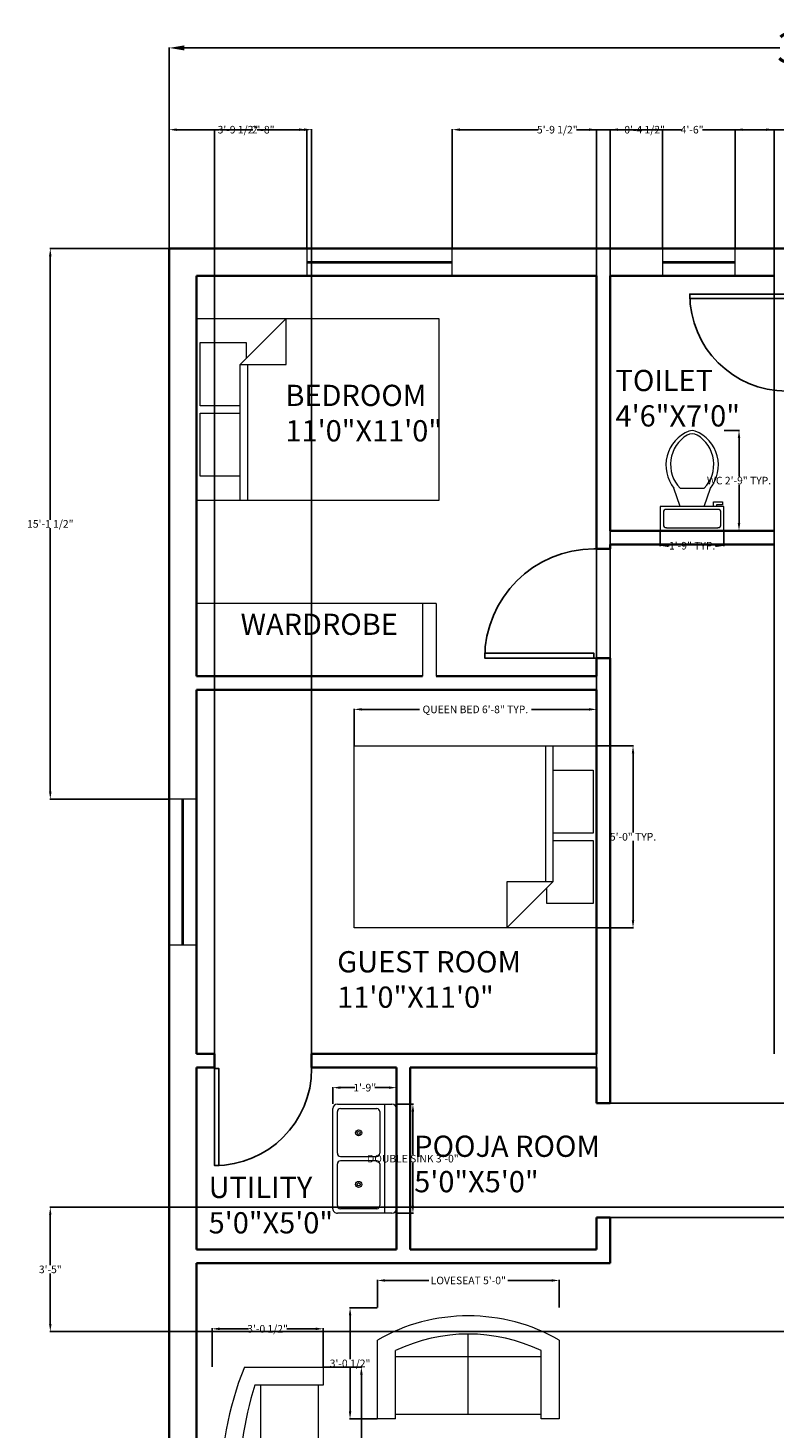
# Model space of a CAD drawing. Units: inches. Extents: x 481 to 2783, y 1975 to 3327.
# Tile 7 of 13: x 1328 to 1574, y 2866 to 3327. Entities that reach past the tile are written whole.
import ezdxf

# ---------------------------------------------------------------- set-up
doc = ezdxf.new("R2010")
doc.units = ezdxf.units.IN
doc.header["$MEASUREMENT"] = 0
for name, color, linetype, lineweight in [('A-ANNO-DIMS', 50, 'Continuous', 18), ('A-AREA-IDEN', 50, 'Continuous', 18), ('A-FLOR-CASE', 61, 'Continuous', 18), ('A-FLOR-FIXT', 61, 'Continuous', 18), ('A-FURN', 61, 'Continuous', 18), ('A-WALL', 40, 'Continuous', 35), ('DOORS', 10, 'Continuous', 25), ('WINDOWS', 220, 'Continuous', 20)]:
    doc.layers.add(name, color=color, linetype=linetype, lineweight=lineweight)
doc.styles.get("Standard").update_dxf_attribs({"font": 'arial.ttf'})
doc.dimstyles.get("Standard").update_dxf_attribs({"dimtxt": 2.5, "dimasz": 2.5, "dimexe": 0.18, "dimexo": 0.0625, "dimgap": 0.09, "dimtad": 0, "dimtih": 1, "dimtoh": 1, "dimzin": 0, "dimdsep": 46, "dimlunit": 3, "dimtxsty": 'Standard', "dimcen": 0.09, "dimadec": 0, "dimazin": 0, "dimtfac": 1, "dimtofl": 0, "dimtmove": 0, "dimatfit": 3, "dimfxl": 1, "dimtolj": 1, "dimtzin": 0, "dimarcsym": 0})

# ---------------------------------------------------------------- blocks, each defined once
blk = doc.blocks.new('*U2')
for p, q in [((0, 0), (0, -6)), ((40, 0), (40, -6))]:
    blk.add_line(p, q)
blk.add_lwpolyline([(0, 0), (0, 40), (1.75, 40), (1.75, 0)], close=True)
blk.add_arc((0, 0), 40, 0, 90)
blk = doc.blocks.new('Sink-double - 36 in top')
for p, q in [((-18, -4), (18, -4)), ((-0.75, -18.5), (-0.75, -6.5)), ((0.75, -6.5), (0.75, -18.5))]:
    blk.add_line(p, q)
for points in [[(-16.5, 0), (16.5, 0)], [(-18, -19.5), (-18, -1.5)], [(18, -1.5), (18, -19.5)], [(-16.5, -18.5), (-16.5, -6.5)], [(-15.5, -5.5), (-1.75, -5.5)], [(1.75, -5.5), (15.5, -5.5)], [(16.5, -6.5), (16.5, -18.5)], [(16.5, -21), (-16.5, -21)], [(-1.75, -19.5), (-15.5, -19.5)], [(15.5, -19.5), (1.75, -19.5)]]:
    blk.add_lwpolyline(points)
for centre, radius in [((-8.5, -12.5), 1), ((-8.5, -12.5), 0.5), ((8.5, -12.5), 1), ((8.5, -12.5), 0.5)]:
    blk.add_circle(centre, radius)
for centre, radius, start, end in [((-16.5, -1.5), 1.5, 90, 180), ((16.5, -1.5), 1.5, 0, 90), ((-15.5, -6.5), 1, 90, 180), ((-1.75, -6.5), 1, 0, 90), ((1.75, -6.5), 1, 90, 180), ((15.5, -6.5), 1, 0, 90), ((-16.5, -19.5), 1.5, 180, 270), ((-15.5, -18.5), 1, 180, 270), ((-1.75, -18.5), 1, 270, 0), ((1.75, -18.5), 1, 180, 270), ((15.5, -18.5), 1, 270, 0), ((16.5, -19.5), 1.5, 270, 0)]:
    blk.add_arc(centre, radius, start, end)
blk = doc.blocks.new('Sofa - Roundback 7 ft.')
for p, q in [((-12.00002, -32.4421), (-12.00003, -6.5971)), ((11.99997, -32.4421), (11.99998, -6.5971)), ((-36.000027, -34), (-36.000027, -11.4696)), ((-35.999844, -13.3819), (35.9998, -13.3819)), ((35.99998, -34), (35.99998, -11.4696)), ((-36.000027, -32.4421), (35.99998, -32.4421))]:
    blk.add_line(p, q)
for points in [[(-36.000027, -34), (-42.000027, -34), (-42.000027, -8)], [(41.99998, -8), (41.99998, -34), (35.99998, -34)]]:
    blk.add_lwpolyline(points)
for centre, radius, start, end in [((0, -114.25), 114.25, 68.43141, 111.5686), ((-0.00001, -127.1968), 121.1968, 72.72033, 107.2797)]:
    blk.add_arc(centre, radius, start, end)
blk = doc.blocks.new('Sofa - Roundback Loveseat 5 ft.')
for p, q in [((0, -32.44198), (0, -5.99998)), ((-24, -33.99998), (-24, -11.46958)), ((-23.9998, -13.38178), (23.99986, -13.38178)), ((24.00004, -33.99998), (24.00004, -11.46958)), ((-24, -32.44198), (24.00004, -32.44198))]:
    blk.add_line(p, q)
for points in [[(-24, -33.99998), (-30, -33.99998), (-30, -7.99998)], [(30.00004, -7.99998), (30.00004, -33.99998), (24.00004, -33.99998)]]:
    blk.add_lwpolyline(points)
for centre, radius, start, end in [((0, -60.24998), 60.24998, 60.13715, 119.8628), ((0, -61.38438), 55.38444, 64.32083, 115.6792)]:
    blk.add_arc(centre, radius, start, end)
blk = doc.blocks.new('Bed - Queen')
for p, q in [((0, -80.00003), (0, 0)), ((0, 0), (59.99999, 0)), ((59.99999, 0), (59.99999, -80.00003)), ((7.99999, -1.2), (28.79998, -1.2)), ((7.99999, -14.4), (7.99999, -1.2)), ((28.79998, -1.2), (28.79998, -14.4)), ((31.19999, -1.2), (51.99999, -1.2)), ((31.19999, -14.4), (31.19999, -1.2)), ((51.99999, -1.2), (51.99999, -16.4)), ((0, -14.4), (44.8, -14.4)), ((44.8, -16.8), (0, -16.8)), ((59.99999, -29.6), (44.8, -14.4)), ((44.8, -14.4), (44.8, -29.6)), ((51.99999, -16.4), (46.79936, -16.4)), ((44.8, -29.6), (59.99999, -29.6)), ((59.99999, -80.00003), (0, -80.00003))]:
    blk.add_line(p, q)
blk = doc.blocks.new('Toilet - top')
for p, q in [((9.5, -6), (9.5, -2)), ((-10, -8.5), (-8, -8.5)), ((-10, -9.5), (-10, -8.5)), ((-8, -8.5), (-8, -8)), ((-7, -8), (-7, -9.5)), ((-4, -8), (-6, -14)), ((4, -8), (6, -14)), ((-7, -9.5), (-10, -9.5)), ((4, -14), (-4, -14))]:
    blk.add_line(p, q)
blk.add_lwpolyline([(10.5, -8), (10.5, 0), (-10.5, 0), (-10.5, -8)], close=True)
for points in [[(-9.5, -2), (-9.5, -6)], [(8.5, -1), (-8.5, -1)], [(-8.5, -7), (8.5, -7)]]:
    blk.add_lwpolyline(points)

#####

ABOUT THIS TASK:
Scan the material above for lines holding "color" and copy each of them.

SOLVED PROBLEM:
for name, color, linetype, lineweight in [('A-ANNO-DIMS', 50, 'Continuous', 18), ('A-AREA-IDEN', 50, 'Continuous', 18), ('A-FLOR-CASE', 61, 'Continuous', 18), ('A-FLOR-FIXT', 61, 'Continuous', 18), ('A-FURN', 61, 'Continuous', 18), ('A-WALL', 40, 'Continuous', 35), ('DOORS', 10, 'Continuous', 25), ('WINDOWS', 220, 'Continuous', 20)]:
    doc.layers.add(name, color=color, linetype=linetype, lineweight=lineweight)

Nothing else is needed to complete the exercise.